-- Opening Marker --

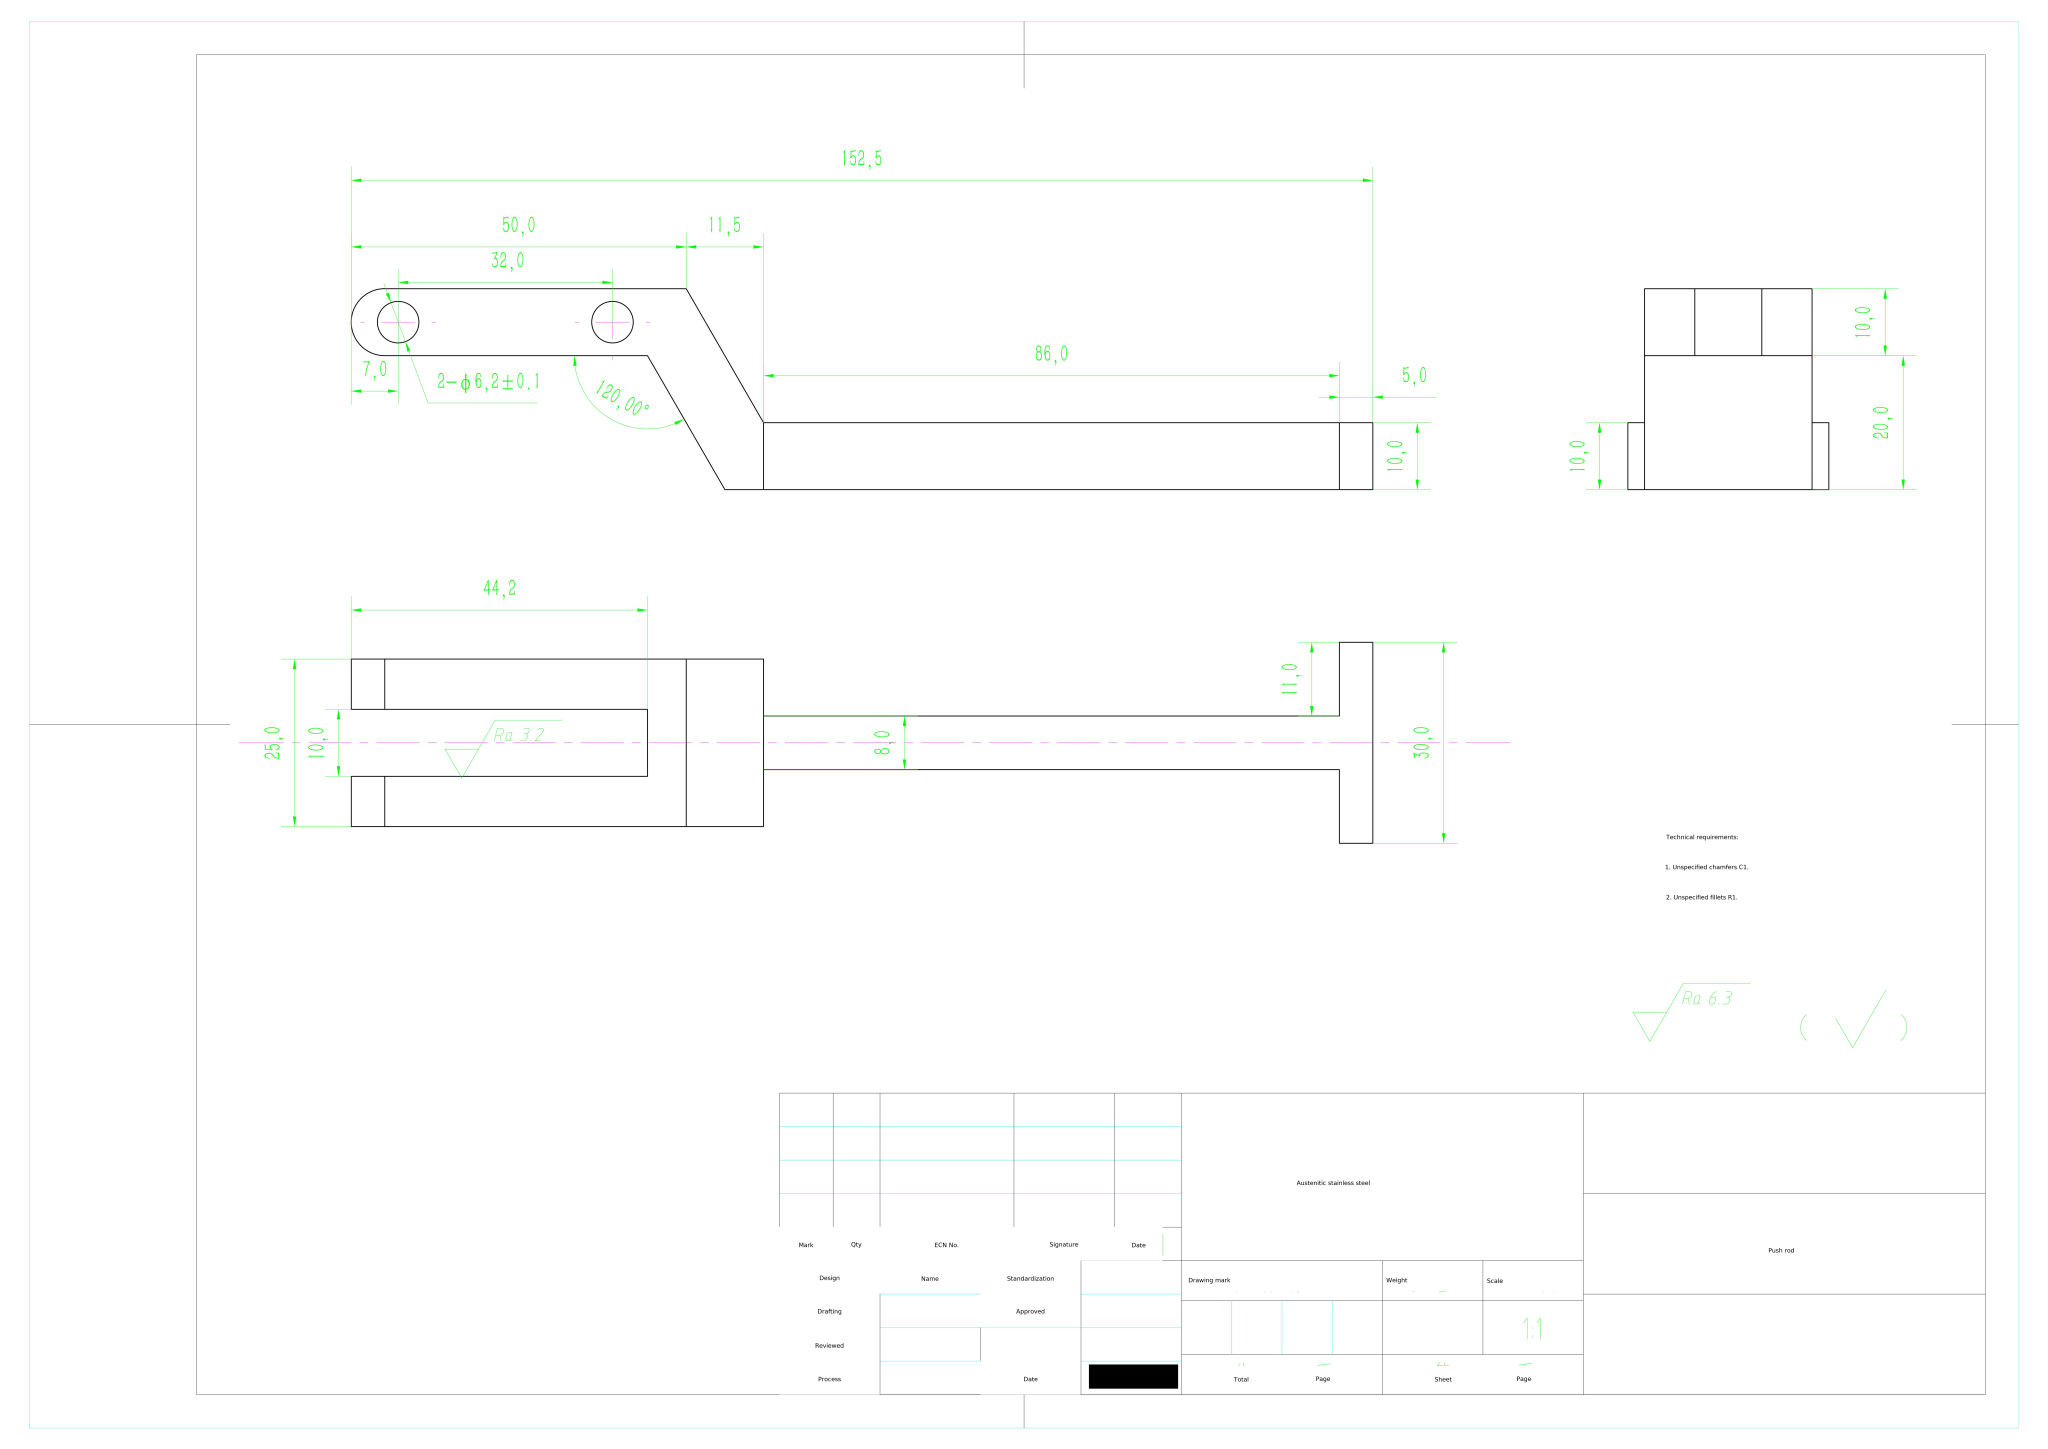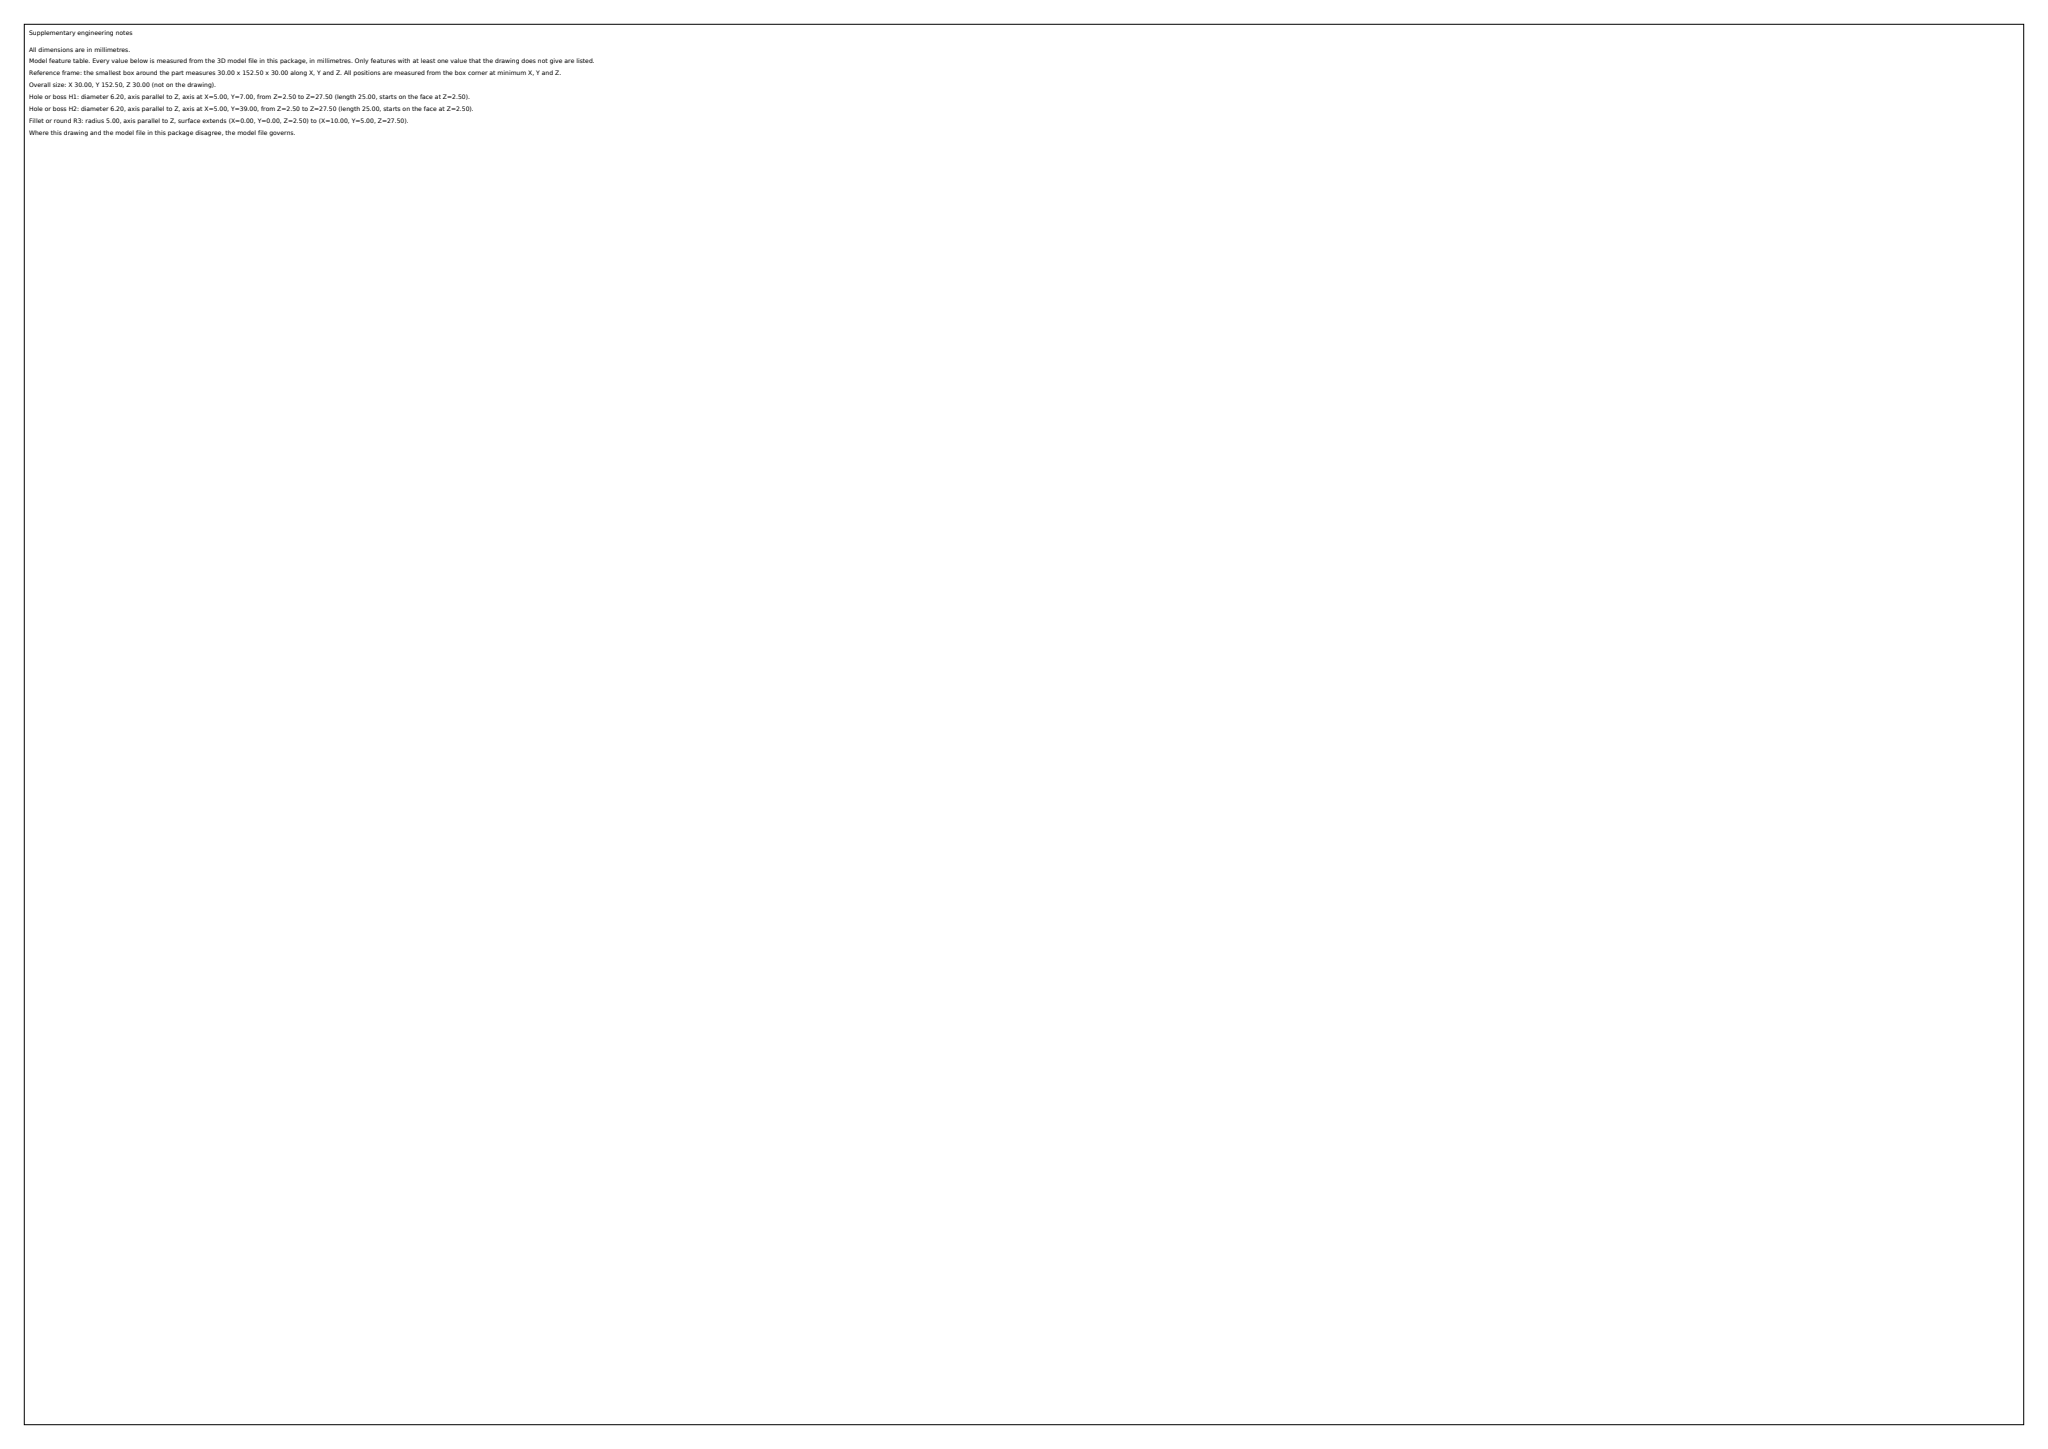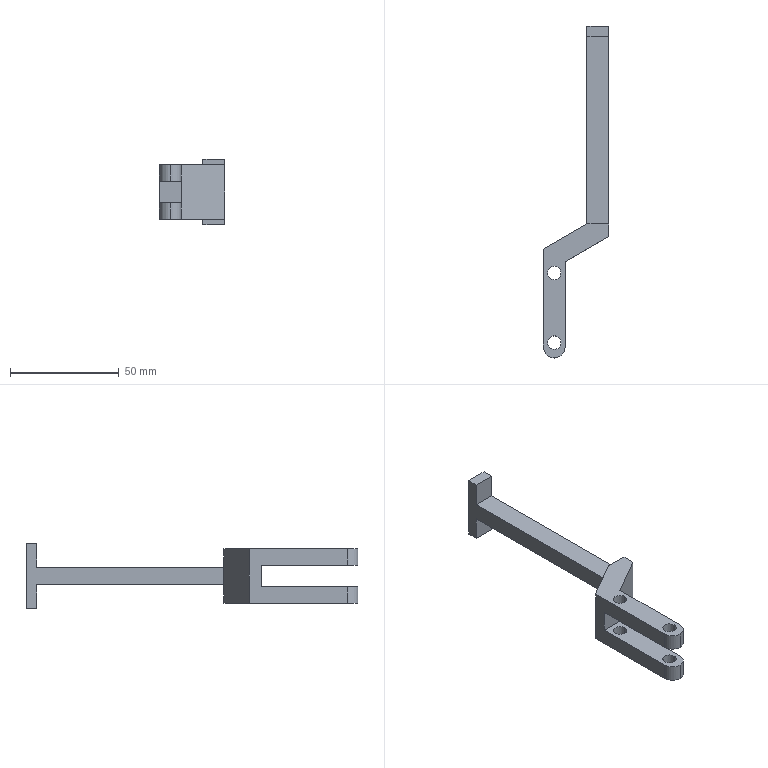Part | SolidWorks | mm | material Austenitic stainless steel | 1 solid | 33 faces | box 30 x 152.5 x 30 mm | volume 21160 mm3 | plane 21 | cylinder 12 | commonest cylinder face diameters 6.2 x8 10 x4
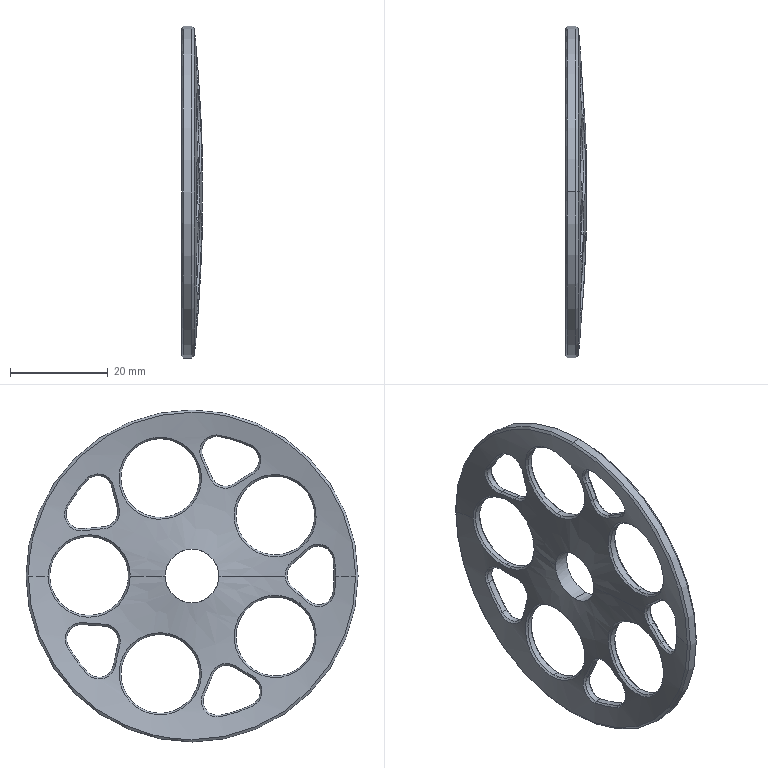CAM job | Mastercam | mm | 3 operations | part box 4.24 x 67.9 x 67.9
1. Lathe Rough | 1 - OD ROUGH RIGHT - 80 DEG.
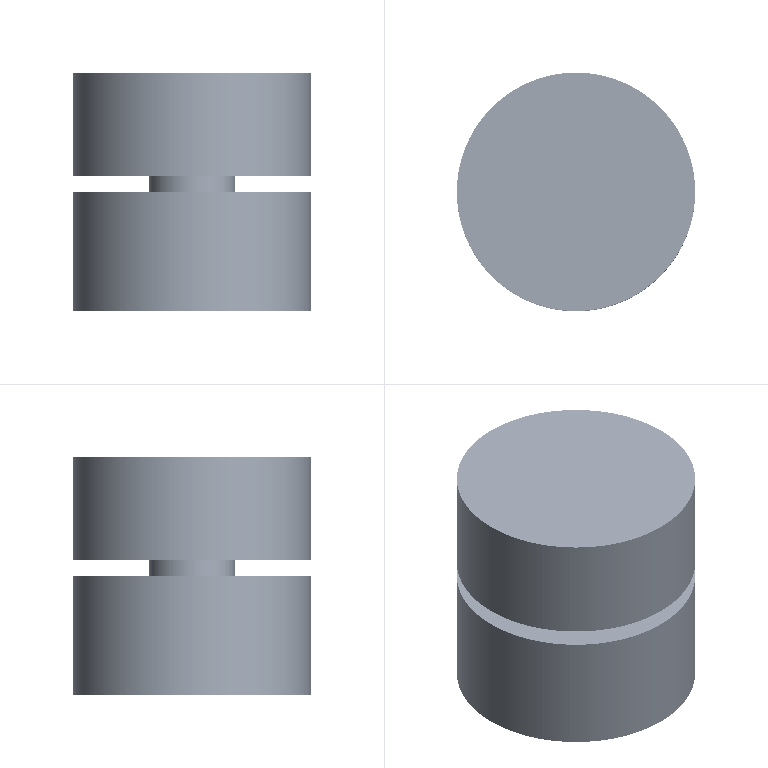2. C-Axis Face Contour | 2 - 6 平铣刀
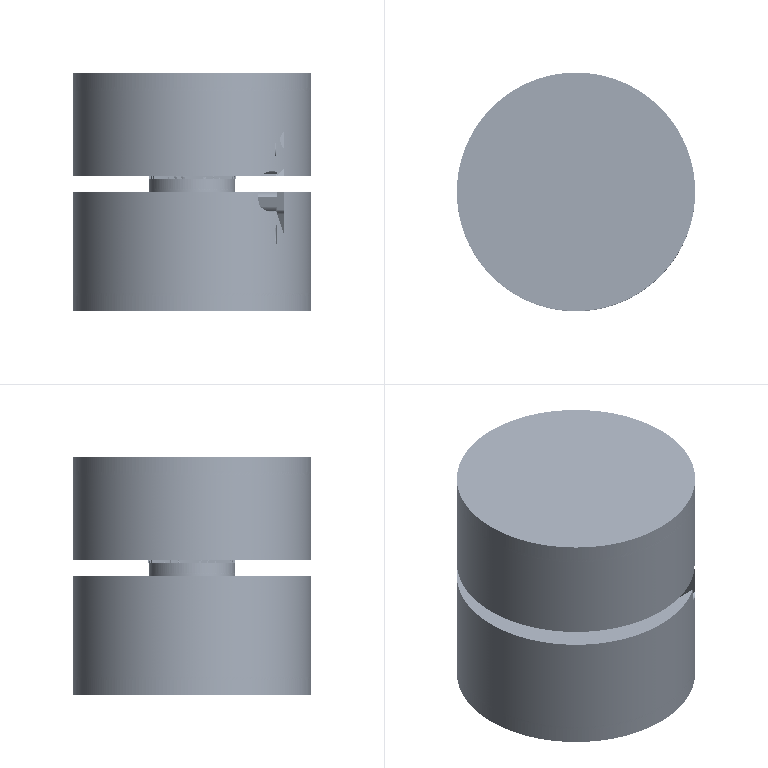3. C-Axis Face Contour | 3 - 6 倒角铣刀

-- Closing Marker --

_WHAT TO PRODUCE_: Go through the listing and restate each line word for word, leaving out the pictures.

_RESPONSE TO THIS EXERCISE_:
Part | SolidWorks | mm | material Austenitic stainless steel | 1 solid | 33 faces | box 30 x 152.5 x 30 mm | volume 21160 mm3 | plane 21 | cylinder 12 | commonest cylinder face diameters 6.2 x8 10 x4
CAM job | Mastercam | mm | 3 operations | part box 4.24 x 67.9 x 67.9
1. Lathe Rough | 1 - OD ROUGH RIGHT - 80 DEG.
2. C-Axis Face Contour | 2 - 6 平铣刀
3. C-Axis Face Contour | 3 - 6 倒角铣刀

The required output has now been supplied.